### PROBLEM REQUIREMENTS
Every line in the data below that includes "XDim" belongs in the answer, copied as it stands.

▬▬▬▬▬▬▬▬▬▬

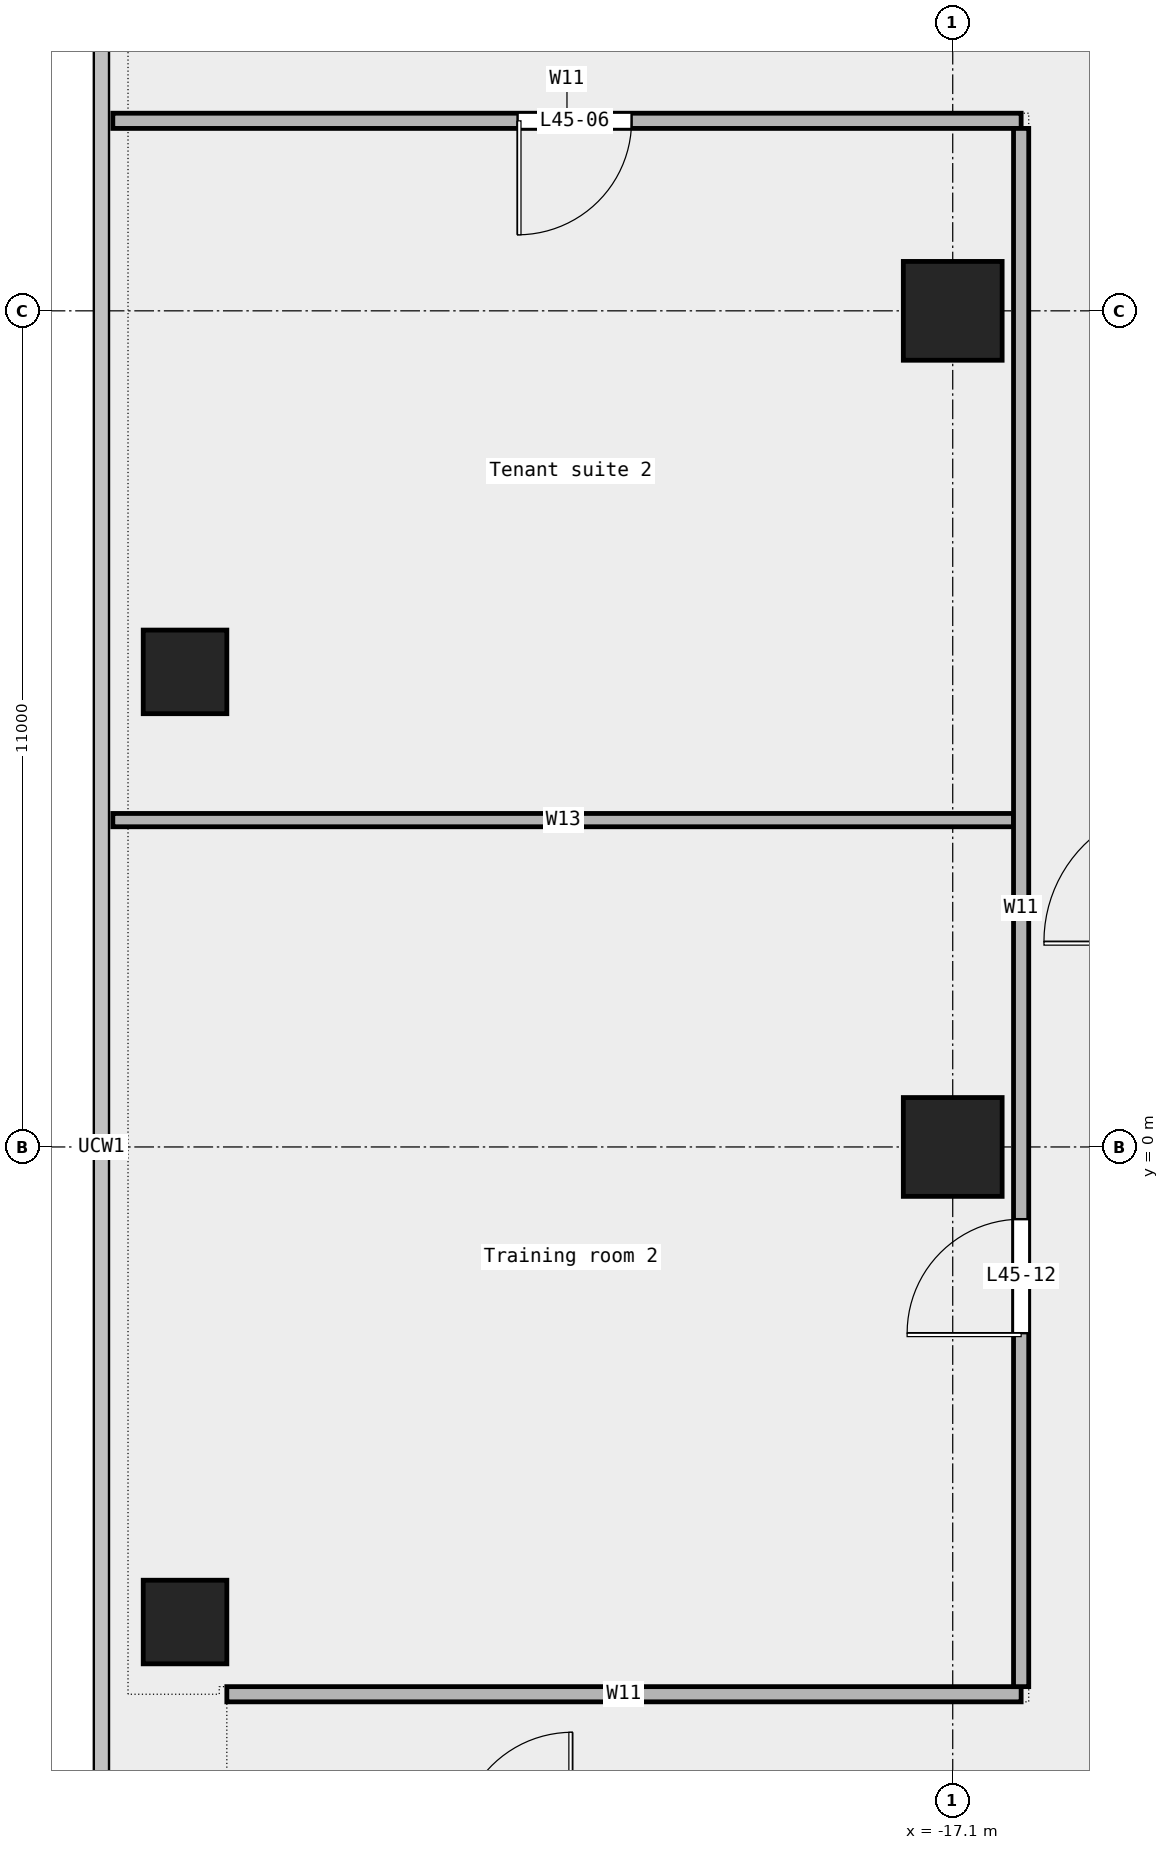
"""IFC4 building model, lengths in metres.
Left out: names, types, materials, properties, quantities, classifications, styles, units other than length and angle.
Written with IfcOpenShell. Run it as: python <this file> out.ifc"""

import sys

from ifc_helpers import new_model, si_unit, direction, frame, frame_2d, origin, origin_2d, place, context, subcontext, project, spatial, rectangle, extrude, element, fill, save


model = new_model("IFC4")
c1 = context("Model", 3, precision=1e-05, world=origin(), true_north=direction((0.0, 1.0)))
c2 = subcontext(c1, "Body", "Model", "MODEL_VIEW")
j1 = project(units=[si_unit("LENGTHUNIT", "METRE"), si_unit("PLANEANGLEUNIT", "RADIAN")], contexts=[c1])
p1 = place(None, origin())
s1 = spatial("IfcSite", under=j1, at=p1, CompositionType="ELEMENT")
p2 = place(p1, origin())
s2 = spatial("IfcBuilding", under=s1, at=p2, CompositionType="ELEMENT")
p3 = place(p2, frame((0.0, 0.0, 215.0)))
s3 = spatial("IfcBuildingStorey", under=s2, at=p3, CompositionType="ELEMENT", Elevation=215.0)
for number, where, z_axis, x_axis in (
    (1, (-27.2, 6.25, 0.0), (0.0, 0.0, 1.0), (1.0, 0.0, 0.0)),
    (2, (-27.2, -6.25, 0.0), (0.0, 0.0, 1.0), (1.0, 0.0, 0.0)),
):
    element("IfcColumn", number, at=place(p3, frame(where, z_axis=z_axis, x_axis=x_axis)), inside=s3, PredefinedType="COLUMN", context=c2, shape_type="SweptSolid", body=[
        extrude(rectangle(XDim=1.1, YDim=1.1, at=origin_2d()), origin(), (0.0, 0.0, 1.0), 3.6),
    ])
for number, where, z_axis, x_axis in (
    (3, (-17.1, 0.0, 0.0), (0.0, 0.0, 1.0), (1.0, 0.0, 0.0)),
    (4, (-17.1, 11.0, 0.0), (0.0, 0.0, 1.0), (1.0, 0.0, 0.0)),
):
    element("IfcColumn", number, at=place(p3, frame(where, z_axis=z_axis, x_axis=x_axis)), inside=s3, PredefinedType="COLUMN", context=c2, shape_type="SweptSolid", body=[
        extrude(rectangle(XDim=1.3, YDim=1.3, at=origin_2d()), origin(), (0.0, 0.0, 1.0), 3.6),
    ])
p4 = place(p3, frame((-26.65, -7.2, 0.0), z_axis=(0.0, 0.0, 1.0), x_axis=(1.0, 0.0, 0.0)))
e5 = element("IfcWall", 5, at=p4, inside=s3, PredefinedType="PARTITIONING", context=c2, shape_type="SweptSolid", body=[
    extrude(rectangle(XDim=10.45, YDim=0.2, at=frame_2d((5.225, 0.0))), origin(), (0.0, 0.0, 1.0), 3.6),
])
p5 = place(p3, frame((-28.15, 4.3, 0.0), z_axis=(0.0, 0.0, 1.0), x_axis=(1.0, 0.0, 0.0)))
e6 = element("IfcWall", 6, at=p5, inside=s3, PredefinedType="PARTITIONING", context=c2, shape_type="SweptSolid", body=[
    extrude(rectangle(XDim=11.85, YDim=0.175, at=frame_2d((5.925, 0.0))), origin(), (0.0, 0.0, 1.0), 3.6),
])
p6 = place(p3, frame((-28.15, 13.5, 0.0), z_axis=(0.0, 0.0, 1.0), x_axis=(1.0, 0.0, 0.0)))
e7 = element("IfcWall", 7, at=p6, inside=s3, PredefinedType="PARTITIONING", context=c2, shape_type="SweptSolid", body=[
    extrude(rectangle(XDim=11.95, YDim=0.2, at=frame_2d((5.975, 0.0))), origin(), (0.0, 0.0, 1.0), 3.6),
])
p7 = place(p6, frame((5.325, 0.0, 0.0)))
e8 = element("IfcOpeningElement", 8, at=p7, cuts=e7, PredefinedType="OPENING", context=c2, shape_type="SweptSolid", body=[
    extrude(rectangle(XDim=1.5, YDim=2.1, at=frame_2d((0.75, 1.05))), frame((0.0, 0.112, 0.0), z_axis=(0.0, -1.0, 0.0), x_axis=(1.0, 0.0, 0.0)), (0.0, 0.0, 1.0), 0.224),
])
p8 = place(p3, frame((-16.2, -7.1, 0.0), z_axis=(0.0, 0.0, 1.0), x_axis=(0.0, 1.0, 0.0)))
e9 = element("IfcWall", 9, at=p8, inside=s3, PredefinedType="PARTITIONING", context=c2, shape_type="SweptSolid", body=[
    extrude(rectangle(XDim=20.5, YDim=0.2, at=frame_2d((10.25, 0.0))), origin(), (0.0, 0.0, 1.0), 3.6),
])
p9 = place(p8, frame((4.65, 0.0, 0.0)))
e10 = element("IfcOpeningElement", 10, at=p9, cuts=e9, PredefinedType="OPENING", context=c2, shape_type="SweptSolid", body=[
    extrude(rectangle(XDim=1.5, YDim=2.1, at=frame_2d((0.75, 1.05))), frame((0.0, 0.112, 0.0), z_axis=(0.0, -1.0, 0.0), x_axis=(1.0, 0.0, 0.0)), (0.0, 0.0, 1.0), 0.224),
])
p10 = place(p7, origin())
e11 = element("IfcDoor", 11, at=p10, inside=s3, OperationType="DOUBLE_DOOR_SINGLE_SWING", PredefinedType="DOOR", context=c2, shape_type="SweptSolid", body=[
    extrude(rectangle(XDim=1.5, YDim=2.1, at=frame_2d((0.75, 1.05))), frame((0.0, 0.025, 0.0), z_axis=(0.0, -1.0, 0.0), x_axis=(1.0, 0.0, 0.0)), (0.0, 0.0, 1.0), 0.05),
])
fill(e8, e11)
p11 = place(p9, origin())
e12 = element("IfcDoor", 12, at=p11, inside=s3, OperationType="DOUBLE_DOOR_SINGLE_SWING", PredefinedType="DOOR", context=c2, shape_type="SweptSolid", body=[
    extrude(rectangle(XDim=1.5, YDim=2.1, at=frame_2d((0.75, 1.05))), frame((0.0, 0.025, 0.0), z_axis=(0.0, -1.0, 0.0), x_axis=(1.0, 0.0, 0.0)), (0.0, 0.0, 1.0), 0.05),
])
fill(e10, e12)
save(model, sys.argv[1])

▬▬▬▬▬▬▬▬▬▬

### RESPONSE
        extrude(rectangle(XDim=1.1, YDim=1.1, at=origin_2d()), origin(), (0.0, 0.0, 1.0), 3.6),
        extrude(rectangle(XDim=1.3, YDim=1.3, at=origin_2d()), origin(), (0.0, 0.0, 1.0), 3.6),
    extrude(rectangle(XDim=10.45, YDim=0.2, at=frame_2d((5.225, 0.0))), origin(), (0.0, 0.0, 1.0), 3.6),
    extrude(rectangle(XDim=11.85, YDim=0.175, at=frame_2d((5.925, 0.0))), origin(), (0.0, 0.0, 1.0), 3.6),
    extrude(rectangle(XDim=11.95, YDim=0.2, at=frame_2d((5.975, 0.0))), origin(), (0.0, 0.0, 1.0), 3.6),
    extrude(rectangle(XDim=1.5, YDim=2.1, at=frame_2d((0.75, 1.05))), frame((0.0, 0.112, 0.0), z_axis=(0.0, -1.0, 0.0), x_axis=(1.0, 0.0, 0.0)), (0.0, 0.0, 1.0), 0.224),
    extrude(rectangle(XDim=20.5, YDim=0.2, at=frame_2d((10.25, 0.0))), origin(), (0.0, 0.0, 1.0), 3.6),
    extrude(rectangle(XDim=1.5, YDim=2.1, at=frame_2d((0.75, 1.05))), frame((0.0, 0.112, 0.0), z_axis=(0.0, -1.0, 0.0), x_axis=(1.0, 0.0, 0.0)), (0.0, 0.0, 1.0), 0.224),
    extrude(rectangle(XDim=1.5, YDim=2.1, at=frame_2d((0.75, 1.05))), frame((0.0, 0.025, 0.0), z_axis=(0.0, -1.0, 0.0), x_axis=(1.0, 0.0, 0.0)), (0.0, 0.0, 1.0), 0.05),
    extrude(rectangle(XDim=1.5, YDim=2.1, at=frame_2d((0.75, 1.05))), frame((0.0, 0.025, 0.0), z_axis=(0.0, -1.0, 0.0), x_axis=(1.0, 0.0, 0.0)), (0.0, 0.0, 1.0), 0.05),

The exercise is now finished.